** What to produce **
Below are lines of data; give the number of them that contain "project", and only that.

** Supplied records **
=====

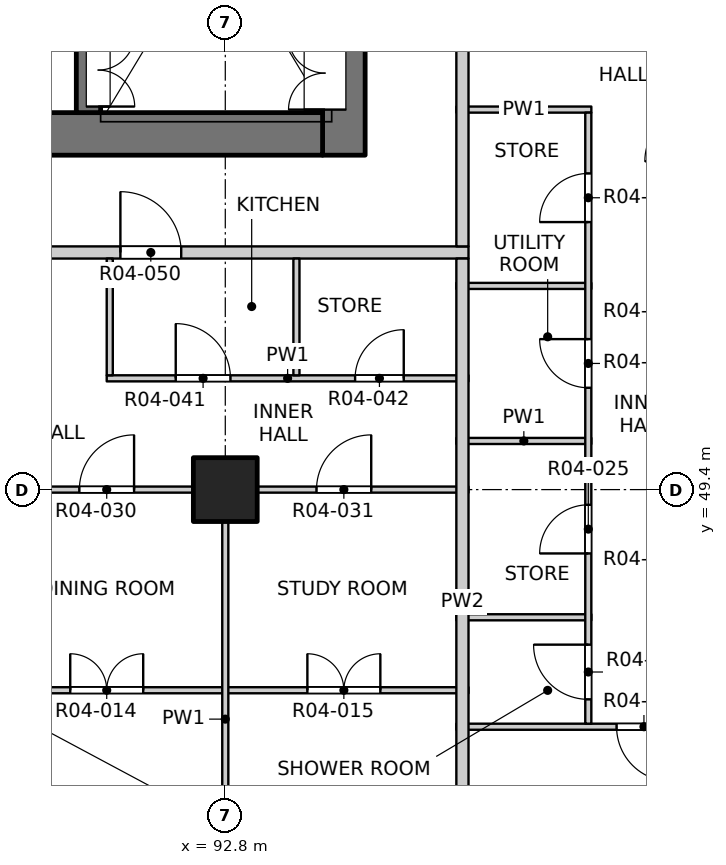
"""IFC4 building model, lengths in metres.
Left out: names, types, materials, properties, quantities, classifications, styles, units other than length and angle.
Written with IfcOpenShell. Run it as: python <this file> out.ifc"""

import sys

from ifc_helpers import new_model, si_unit, direction, frame, frame_2d, origin, origin_2d, place, context, subcontext, project, spatial, rectangle, extrude, element, fill, save


model = new_model("IFC4")
c1 = context("Model", 3, precision=1e-05, world=origin(), true_north=direction((0.0, 1.0)))
c2 = subcontext(c1, "Body", "Model", "MODEL_VIEW")
j1 = project(units=[si_unit("LENGTHUNIT", "METRE"), si_unit("PLANEANGLEUNIT", "RADIAN")], contexts=[c1])
p1 = place(None, origin())
s1 = spatial("IfcSite", under=j1, at=p1, CompositionType="ELEMENT")
p2 = place(p1, origin())
s2 = spatial("IfcBuilding", under=s1, at=p2, CompositionType="ELEMENT")
p3 = place(p2, frame((0.0, 0.0, 58.0)))
s3 = spatial("IfcBuildingStorey", under=s2, at=p3, CompositionType="ELEMENT", Elevation=58.0)
p4 = place(p3, frame((92.8, 49.4, -0.25), z_axis=(0.0, 0.0, 1.0), x_axis=(1.0, 0.0, 0.0)))
e1 = element("IfcColumn", 1, at=p4, inside=s3, PredefinedType="COLUMN", context=c2, shape_type="SweptSolid", body=[
    extrude(rectangle(XDim=1.05, YDim=1.05, at=origin_2d()), origin(), (0.0, 0.0, 1.0), 3.4),
])
p5 = place(p3, frame((94.75, 54.9, -0.25), z_axis=(0.0, 0.0, 1.0), x_axis=(0.0, 1.0, 0.0)))
e2 = element("IfcWall", 2, at=p5, inside=s3, PredefinedType="SOLIDWALL", context=c2, shape_type="SweptSolid", body=[
    extrude(rectangle(XDim=7.05, YDim=0.7, at=frame_2d((3.525, 0.0))), origin(), (0.0, 0.0, 1.0), 3.4),
])
p6 = place(p5, frame((0.75, 0.0, 0.25)))
e3 = element("IfcOpeningElement", 3, at=p6, cuts=e2, PredefinedType="OPENING", context=c2, shape_type="SweptSolid", body=[
    extrude(rectangle(XDim=1.2, YDim=2.1, at=frame_2d((0.6, 1.05))), frame((0.0, 0.36, 0.0), z_axis=(0.0, -1.0, 0.0), x_axis=(1.0, 0.0, 0.0)), (0.0, 0.0, 1.0), 0.72),
])
p7 = place(p3, frame((75.6, 55.25, -0.25), z_axis=(0.0, 0.0, 1.0), x_axis=(1.0, 0.0, 0.0)))
e4 = element("IfcWall", 4, at=p7, inside=s3, PredefinedType="SOLIDWALL", context=c2, shape_type="SweptSolid", body=[
    extrude(rectangle(XDim=18.8, YDim=0.7, at=frame_2d((9.4, 0.0))), origin(), (0.0, 0.0, 1.0), 3.4),
])
p8 = place(p7, frame((8.65, 0.0, 0.25)))
e5 = element("IfcOpeningElement", 5, at=p8, cuts=e4, PredefinedType="OPENING", context=c2, shape_type="SweptSolid", body=[
    extrude(rectangle(XDim=1.5, YDim=2.1, at=frame_2d((0.75, 1.05))), frame((0.0, 0.36, 0.0), z_axis=(0.0, -1.0, 0.0), x_axis=(1.0, 0.0, 0.0)), (0.0, 0.0, 1.0), 0.72),
])
p9 = place(p3, frame((90.55, 55.6, -0.25), z_axis=(0.0, 0.0, 1.0), x_axis=(0.0, 1.0, 0.0)))
e6 = element("IfcWall", 6, at=p9, inside=s3, PredefinedType="SOLIDWALL", context=c2, shape_type="SweptSolid", body=[
    extrude(rectangle(XDim=6.35, YDim=0.4, at=frame_2d((3.175, 0.0))), origin(), (0.0, 0.0, 1.0), 3.4),
])
p10 = place(p9, frame((0.1, 0.0, 0.25)))
e7 = element("IfcOpeningElement", 7, at=p10, cuts=e6, PredefinedType="OPENING", context=c2, shape_type="SweptSolid", body=[
    extrude(rectangle(XDim=1.2, YDim=2.1, at=frame_2d((0.6, 1.05))), frame((0.0, 0.21, 0.0), z_axis=(0.0, -1.0, 0.0), x_axis=(1.0, 0.0, 0.0)), (0.0, 0.0, 1.0), 0.42),
])
p11 = place(p3, frame((96.6, 45.5, 0.0), z_axis=(0.0, 0.0, 1.0), x_axis=(1.0, 0.0, 0.0)))
e8 = element("IfcWall", 8, at=p11, inside=s3, PredefinedType="PARTITIONING", context=c2, shape_type="SweptSolid", body=[
    extrude(rectangle(XDim=11.5, YDim=0.1, at=frame_2d((5.75, 0.0))), origin(), (0.0, 0.0, 1.0), 3.15),
])
p12 = place(p11, frame((2.635, 0.0, 0.0)))
e9 = element("IfcOpeningElement", 9, at=p12, cuts=e8, PredefinedType="OPENING", context=c2, shape_type="SweptSolid", body=[
    extrude(rectangle(XDim=0.9, YDim=2.1, at=frame_2d((0.45, 1.05))), frame((0.0, 0.06, 0.0), z_axis=(0.0, -1.0, 0.0), x_axis=(1.0, 0.0, 0.0)), (0.0, 0.0, 1.0), 0.12),
])
p13 = place(p3, frame((81.0, 46.1, 0.0), z_axis=(0.0, 0.0, 1.0), x_axis=(1.0, 0.0, 0.0)))
e10 = element("IfcWall", 10, at=p13, inside=s3, PredefinedType="PARTITIONING", context=c2, shape_type="SweptSolid", body=[
    extrude(rectangle(XDim=15.8, YDim=0.1, at=frame_2d((7.9, 0.0))), origin(), (0.0, 0.0, 1.0), 3.15),
])
p14 = place(p13, frame((0.625, 0.0, 0.0)))
e11 = element("IfcOpeningElement", 11, at=p14, cuts=e10, PredefinedType="OPENING", context=c2, shape_type="SweptSolid", body=[
    extrude(rectangle(XDim=0.9, YDim=2.1, at=frame_2d((0.45, 1.05))), frame((0.0, 0.06, 0.0), z_axis=(0.0, -1.0, 0.0), x_axis=(1.0, 0.0, 0.0)), (0.0, 0.0, 1.0), 0.12),
])
p15 = place(p13, frame((2.575, 0.0, 0.0)))
e12 = element("IfcOpeningElement", 12, at=p15, cuts=e10, PredefinedType="OPENING", context=c2, shape_type="SweptSolid", body=[
    extrude(rectangle(XDim=0.9, YDim=2.1, at=frame_2d((0.45, 1.05))), frame((0.0, 0.06, 0.0), z_axis=(0.0, -1.0, 0.0), x_axis=(1.0, 0.0, 0.0)), (0.0, 0.0, 1.0), 0.12),
])
p16 = place(p13, frame((4.525, 0.0, 0.0)))
e13 = element("IfcOpeningElement", 13, at=p16, cuts=e10, PredefinedType="OPENING", context=c2, shape_type="SweptSolid", body=[
    extrude(rectangle(XDim=0.9, YDim=2.1, at=frame_2d((0.45, 1.05))), frame((0.0, 0.06, 0.0), z_axis=(0.0, -1.0, 0.0), x_axis=(1.0, 0.0, 0.0)), (0.0, 0.0, 1.0), 0.12),
])
p17 = place(p13, frame((6.475, 0.0, 0.0)))
e14 = element("IfcOpeningElement", 14, at=p17, cuts=e10, PredefinedType="OPENING", context=c2, shape_type="SweptSolid", body=[
    extrude(rectangle(XDim=0.9, YDim=2.1, at=frame_2d((0.45, 1.05))), frame((0.0, 0.06, 0.0), z_axis=(0.0, -1.0, 0.0), x_axis=(1.0, 0.0, 0.0)), (0.0, 0.0, 1.0), 0.12),
])
p18 = place(p13, frame((9.25, 0.0, 0.0)))
e15 = element("IfcOpeningElement", 15, at=p18, cuts=e10, PredefinedType="OPENING", context=c2, shape_type="SweptSolid", body=[
    extrude(rectangle(XDim=1.2, YDim=2.1, at=frame_2d((0.6, 1.05))), frame((0.0, 0.06, 0.0), z_axis=(0.0, -1.0, 0.0), x_axis=(1.0, 0.0, 0.0)), (0.0, 0.0, 1.0), 0.12),
])
p19 = place(p13, frame((13.15, 0.0, 0.0)))
e16 = element("IfcOpeningElement", 16, at=p19, cuts=e10, PredefinedType="OPENING", context=c2, shape_type="SweptSolid", body=[
    extrude(rectangle(XDim=1.2, YDim=2.1, at=frame_2d((0.6, 1.05))), frame((0.0, 0.06, 0.0), z_axis=(0.0, -1.0, 0.0), x_axis=(1.0, 0.0, 0.0)), (0.0, 0.0, 1.0), 0.12),
])
p20 = place(p3, frame((96.6, 47.3, 0.0), z_axis=(0.0, 0.0, 1.0), x_axis=(1.0, 0.0, 0.0)))
e17 = element("IfcWall", 17, at=p20, inside=s3, PredefinedType="PARTITIONING", context=c2, shape_type="SweptSolid", body=[
    extrude(rectangle(XDim=2.22, YDim=0.1, at=frame_2d((1.11, 0.0))), origin(), (0.0, 0.0, 1.0), 3.15),
])
p21 = place(p3, frame((73.2, 49.4, 0.0), z_axis=(0.0, 0.0, 1.0), x_axis=(1.0, 0.0, 0.0)))
e18 = element("IfcWall", 18, at=p21, inside=s3, PredefinedType="PARTITIONING", context=c2, shape_type="SweptSolid", body=[
    extrude(rectangle(XDim=23.6, YDim=0.1, at=frame_2d((11.8, 0.0))), origin(), (0.0, 0.0, 1.0), 3.15),
])
p22 = place(p21, frame((2.425, 0.0, 0.0)))
e19 = element("IfcOpeningElement", 19, at=p22, cuts=e18, PredefinedType="OPENING", context=c2, shape_type="SweptSolid", body=[
    extrude(rectangle(XDim=0.9, YDim=2.1, at=frame_2d((0.45, 1.05))), frame((0.0, 0.06, 0.0), z_axis=(0.0, -1.0, 0.0), x_axis=(1.0, 0.0, 0.0)), (0.0, 0.0, 1.0), 0.12),
])
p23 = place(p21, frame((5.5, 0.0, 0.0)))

=====

** Result of this exercise **
2